Exercise description:
The lines of the records that include "under" should all be copied.

Recorded data:
· · · · · · ·

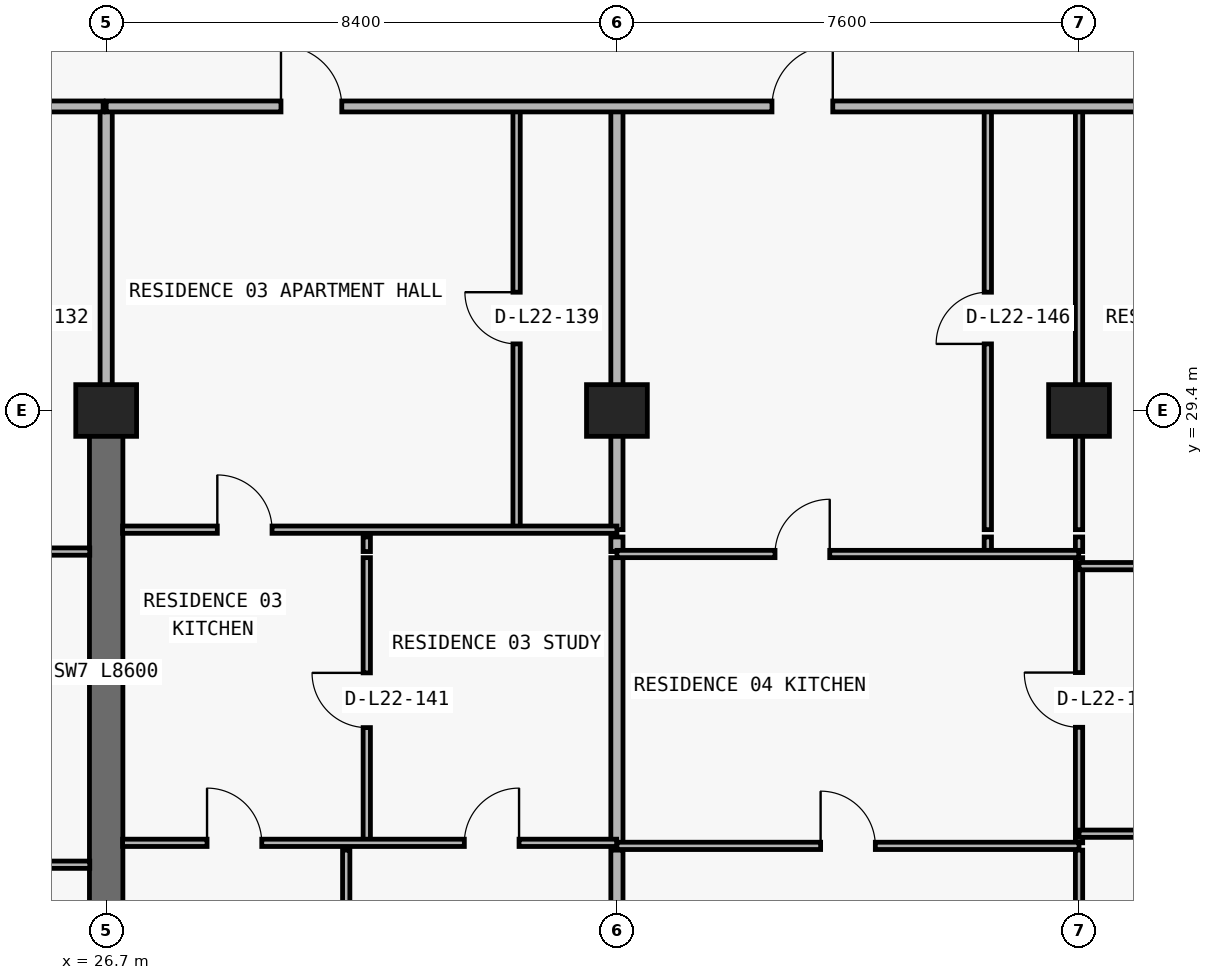
"""IFC4 building model, lengths in metres.
Left out: names, types, materials, properties, quantities, classifications, styles, units other than length and angle.
Written with IfcOpenShell. Run it as: python <this file> out.ifc"""

import sys

from ifc_helpers import new_model, si_unit, direction, frame, frame_2d, origin, origin_2d, place, context, subcontext, project, spatial, rectangle, extrude, element, fill, save


model = new_model("IFC4")
c1 = context("Model", 3, precision=1e-05, world=origin(), true_north=direction((0.0, 1.0)))
c2 = subcontext(c1, "Body", "Model", "MODEL_VIEW")
j1 = project(units=[si_unit("LENGTHUNIT", "METRE"), si_unit("PLANEANGLEUNIT", "RADIAN")], contexts=[c1])
p1 = place(None, origin())
s1 = spatial("IfcSite", under=j1, at=p1, CompositionType="ELEMENT")
p2 = place(p1, origin())
s2 = spatial("IfcBuilding", under=s1, at=p2, CompositionType="ELEMENT")
p3 = place(p2, frame((0.0, 0.0, 84.6)))
s3 = spatial("IfcBuildingStorey", under=s2, at=p3, CompositionType="ELEMENT", Elevation=84.6)
for number, where, z_axis, x_axis in (
    (1, (26.7, 29.4, 0.0), (0.0, 0.0, 1.0), (1.0, 0.0, 0.0)),
    (2, (35.1, 29.4, 0.0), (0.0, 0.0, 1.0), (1.0, 0.0, 0.0)),
    (3, (42.7, 29.4, 0.0), (0.0, 0.0, 1.0), (1.0, 0.0, 0.0)),
):
    element("IfcColumn", number, at=place(p3, frame(where, z_axis=z_axis, x_axis=x_axis)), inside=s3, PredefinedType="COLUMN", context=c2, shape_type="SweptSolid", body=[
        extrude(rectangle(XDim=1.0, YDim=0.85, at=origin_2d()), origin(), (0.0, 0.0, 1.0), 3.05),
    ])
p4 = place(p3, frame((26.7, 20.8, 0.0), z_axis=(0.0, 0.0, 1.0), x_axis=(0.0, 1.0, 0.0)))
e4 = element("IfcWall", 4, at=p4, inside=s3, PredefinedType="SHEAR", context=c2, shape_type="SweptSolid", body=[
    extrude(rectangle(XDim=8.6, YDim=0.55, at=frame_2d((4.3, 0.0))), origin(), (0.0, 0.0, 1.0), 3.05),
])
p5 = place(p3, frame((26.7, 29.405, 0.0), z_axis=(0.0, 0.0, 1.0), x_axis=(0.0, 1.0, 0.0)))
e5 = element("IfcWall", 5, at=p5, inside=s3, PredefinedType="PARTITIONING", context=c2, shape_type="SweptSolid", body=[
    extrude(rectangle(XDim=4.995, YDim=0.2, at=frame_2d((2.498, 0.0))), origin(), (0.0, 0.0, 1.0), 2.335),
])
p6 = place(p3, frame((30.648, 8.84, 0.0), z_axis=(0.0, 0.0, 1.0), x_axis=(0.0, 1.0, 0.0)))
e6 = element("IfcWall", 6, at=p6, inside=s3, PredefinedType="PARTITIONING", context=c2, shape_type="SweptSolid", body=[
    extrude(rectangle(XDim=13.33, YDim=0.12, at=frame_2d((6.665, 0.0))), origin(), (0.0, 0.0, 1.0), 3.05),
])
p7 = place(p3, frame((30.986, 22.29, 0.0), z_axis=(0.0, 0.0, 1.0), x_axis=(0.0, 1.0, 0.0)))
e7 = element("IfcWall", 7, at=p7, inside=s3, PredefinedType="PARTITIONING", context=c2, shape_type="SweptSolid", body=[
    extrude(rectangle(XDim=4.69, YDim=0.12, at=frame_2d((2.345, 0.0))), origin(), (0.0, 0.0, 1.0), 3.05),
])
p8 = place(p7, frame((1.895, 0.0, 0.0)))
e8 = element("IfcOpeningElement", 8, at=p8, cuts=e7, PredefinedType="OPENING", context=c2, shape_type="SweptSolid", body=[
    extrude(rectangle(XDim=0.9, YDim=2.15, at=frame_2d((0.45, 1.075))), frame((0.0, 0.07, 0.0), z_axis=(0.0, -1.0, 0.0), x_axis=(1.0, 0.0, 0.0)), (0.0, 0.0, 1.0), 0.14),
])
p9 = place(p3, frame((30.986, 27.08, 0.0), z_axis=(0.0, 0.0, 1.0), x_axis=(0.0, 1.0, 0.0)))
e9 = element("IfcWall", 9, at=p9, inside=s3, PredefinedType="PARTITIONING", context=c2, shape_type="SweptSolid", body=[
    extrude(rectangle(XDim=0.24, YDim=0.12, at=frame_2d((0.12, 0.0))), origin(), (0.0, 0.0, 1.0), 3.05),
])
p10 = place(p3, frame((33.45, 27.44, 0.0), z_axis=(0.0, 0.0, 1.0), x_axis=(0.0, 1.0, 0.0)))
e10 = element("IfcWall", 10, at=p10, inside=s3, PredefinedType="PARTITIONING", context=c2, shape_type="SweptSolid", body=[
    extrude(rectangle(XDim=6.96, YDim=0.12, at=frame_2d((3.48, 0.0))), origin(), (0.0, 0.0, 1.0), 3.05),
])
p11 = place(p10, frame((3.055, 0.0, 0.0)))
e11 = element("IfcOpeningElement", 11, at=p11, cuts=e10, PredefinedType="OPENING", context=c2, shape_type="SweptSolid", body=[
    extrude(rectangle(XDim=0.85, YDim=2.1, at=frame_2d((0.425, 1.05))), frame((0.0, 0.07, 0.0), z_axis=(0.0, -1.0, 0.0), x_axis=(1.0, 0.0, 0.0)), (0.0, 0.0, 1.0), 0.14),
])
p12 = place(p3, frame((35.1, 8.84, 0.0), z_axis=(0.0, 0.0, 1.0), x_axis=(0.0, 1.0, 0.0)))
e12 = element("IfcWall", 12, at=p12, inside=s3, PredefinedType="PARTITIONING", context=c2, shape_type="SweptSolid", body=[
    extrude(rectangle(XDim=13.33, YDim=0.2, at=frame_2d((6.665, 0.0))), origin(), (0.0, 0.0, 1.0), 2.174),
])
p13 = place(p3, frame((35.1, 22.29, 0.0), z_axis=(0.0, 0.0, 1.0), x_axis=(0.0, 1.0, 0.0)))
e13 = element("IfcWall", 13, at=p13, inside=s3, PredefinedType="PARTITIONING", context=c2, shape_type="SweptSolid", body=[
    extrude(rectangle(XDim=4.69, YDim=0.2, at=frame_2d((2.345, 0.0))), origin(), (0.0, 0.0, 1.0), 2.174),
])
p14 = place(p3, frame((35.1, 27.08, 0.0), z_axis=(0.0, 0.0, 1.0), x_axis=(0.0, 1.0, 0.0)))
e14 = element("IfcWall", 14, at=p14, inside=s3, PredefinedType="PARTITIONING", context=c2, shape_type="SweptSolid", body=[
    extrude(rectangle(XDim=0.24, YDim=0.2, at=frame_2d((0.12, 0.0))), origin(), (0.0, 0.0, 1.0), 2.174),
])
p15 = place(p3, frame((35.1, 27.44, 0.0), z_axis=(0.0, 0.0, 1.0), x_axis=(0.0, 1.0, 0.0)))
e15 = element("IfcWall", 15, at=p15, inside=s3, PredefinedType="PARTITIONING", context=c2, shape_type="SweptSolid", body=[
    extrude(rectangle(XDim=6.96, YDim=0.2, at=frame_2d((3.48, 0.0))), origin(), (0.0, 0.0, 1.0), 2.174),
])
p16 = place(p3, frame((41.2, 27.08, 0.0), z_axis=(0.0, 0.0, 1.0), x_axis=(0.0, 1.0, 0.0)))
e16 = element("IfcWall", 16, at=p16, inside=s3, PredefinedType="PARTITIONING", context=c2, shape_type="SweptSolid", body=[
    extrude(rectangle(XDim=0.24, YDim=0.12, at=frame_2d((0.12, 0.0))), origin(), (0.0, 0.0, 1.0), 3.05),
])
p17 = place(p3, frame((41.2, 27.44, 0.0), z_axis=(0.0, 0.0, 1.0), x_axis=(0.0, 1.0, 0.0)))
e17 = element("IfcWall", 17, at=p17, inside=s3, PredefinedType="PARTITIONING", context=c2, shape_type="SweptSolid", body=[
    extrude(rectangle(XDim=6.96, YDim=0.12, at=frame_2d((3.48, 0.0))), origin(), (0.0, 0.0, 1.0), 3.05),
])
p18 = place(p17, frame((3.055, 0.0, 0.0)))
e18 = element("IfcOpeningElement", 18, at=p18, cuts=e17, PredefinedType="OPENING", context=c2, shape_type="SweptSolid", body=[
    extrude(rectangle(XDim=0.85, YDim=2.1, at=frame_2d((0.425, 1.05))), frame((0.0, 0.07, 0.0), z_axis=(0.0, -1.0, 0.0), x_axis=(1.0, 0.0, 0.0)), (0.0, 0.0, 1.0), 0.14),
])
p19 = place(p3, frame((42.7, 8.84, 0.0), z_axis=(0.0, 0.0, 1.0), x_axis=(0.0, 1.0, 0.0)))
e19 = element("IfcWall", 19, at=p19, inside=s3, PredefinedType="PARTITIONING", context=c2, shape_type="SweptSolid", body=[
    extrude(rectangle(XDim=13.33, YDim=0.12, at=frame_2d((6.665, 0.0))), origin(), (0.0, 0.0, 1.0), 2.174),
])
p20 = place(p3, frame((42.7, 22.29, 0.0), z_axis=(0.0, 0.0, 1.0), x_axis=(0.0, 1.0, 0.0)))
e20 = element("IfcWall", 20, at=p20, inside=s3, PredefinedType="PARTITIONING", context=c2, shape_type="SweptSolid", body=[
    extrude(rectangle(XDim=4.69, YDim=0.12, at=frame_2d((2.345, 0.0))), origin(), (0.0, 0.0, 1.0), 2.174),
])
p21 = place(p20, frame((1.9, 0.0, 0.0)))
e21 = element("IfcOpeningElement", 21, at=p21, cuts=e20, PredefinedType="OPENING", context=c2, shape_type="SweptSolid", body=[
    extrude(rectangle(XDim=0.9, YDim=2.124, at=frame_2d((0.45, 1.062))), frame((0.0, 0.07, 0.0), z_axis=(0.0, -1.0, 0.0), x_axis=(1.0, 0.0, 0.0)), (0.0, 0.0, 1.0), 0.14),
])
p22 = place(p3, frame((42.7, 27.08, 0.0), z_axis=(0.0, 0.0, 1.0), x_axis=(0.0, 1.0, 0.0)))
e22 = element("IfcWall", 22, at=p22, inside=s3, PredefinedType="PARTITIONING", context=c2, shape_type="SweptSolid", body=[
    extrude(rectangle(XDim=0.24, YDim=0.12, at=frame_2d((0.12, 0.0))), origin(), (0.0, 0.0, 1.0), 2.174),
])
p23 = place(p3, frame((42.7, 27.44, 0.0), z_axis=(0.0, 0.0, 1.0), x_axis=(0.0, 1.0, 0.0)))
e23 = element("IfcWall", 23, at=p23, inside=s3, PredefinedType="PARTITIONING", context=c2, shape_type="SweptSolid", body=[
    extrude(rectangle(XDim=6.96, YDim=0.12, at=frame_2d((3.48, 0.0))), origin(), (0.0, 0.0, 1.0), 2.174),
])
p24 = place(p3, frame((18.3, 21.93, 0.0), z_axis=(0.0, 0.0, 1.0), x_axis=(1.0, 0.0, 0.0)))
e24 = element("IfcWall", 24, at=p24, inside=s3, PredefinedType="PARTITIONING", context=c2, shape_type="SweptSolid", body=[
    extrude(rectangle(XDim=8.13, YDim=0.12, at=frame_2d((4.065, 0.0))), origin(), (0.0, 0.0, 1.0), 3.05),
])
p25 = place(p24, frame((1.86, 0.0, 0.0)))
e25 = element("IfcOpeningElement", 25, at=p25, cuts=e24, PredefinedType="OPENING", context=c2, shape_type="SweptSolid", body=[
    extrude(rectangle(XDim=0.9, YDim=2.15, at=frame_2d((0.45, 1.075))), frame((0.0, 0.07, 0.0), z_axis=(0.0, -1.0, 0.0), x_axis=(1.0, 0.0, 0.0)), (0.0, 0.0, 1.0), 0.14),
])
p26 = place(p24, frame((6.008, 0.0, 0.0)))
e26 = element("IfcOpeningElement", 26, at=p26, cuts=e24, PredefinedType="OPENING", context=c2, shape_type="SweptSolid", body=[
    extrude(rectangle(XDim=0.9, YDim=2.15, at=frame_2d((0.45, 1.075))), frame((0.0, 0.07, 0.0), z_axis=(0.0, -1.0, 0.0), x_axis=(1.0, 0.0, 0.0)), (0.0, 0.0, 1.0), 0.14),
])
p27 = place(p3, frame((35.1, 22.24, 0.0), z_axis=(0.0, 0.0, 1.0), x_axis=(1.0, 0.0, 0.0)))
e27 = element("IfcWall", 27, at=p27, inside=s3, PredefinedType="PARTITIONING", context=c2, shape_type="SweptSolid", body=[
    extrude(rectangle(XDim=7.6, YDim=0.12, at=frame_2d((3.8, 0.0))), origin(), (0.0, 0.0, 1.0), 3.05),
])
p28 = place(p27, frame((3.35, 0.0, 0.0)))
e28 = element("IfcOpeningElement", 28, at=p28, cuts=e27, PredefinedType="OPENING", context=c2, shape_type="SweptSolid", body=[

· · · · · · ·

Worked solution:
s1 = spatial("IfcSite", under=j1, at=p1, CompositionType="ELEMENT")
s2 = spatial("IfcBuilding", under=s1, at=p2, CompositionType="ELEMENT")
s3 = spatial("IfcBuildingStorey", under=s2, at=p3, CompositionType="ELEMENT", Elevation=84.6)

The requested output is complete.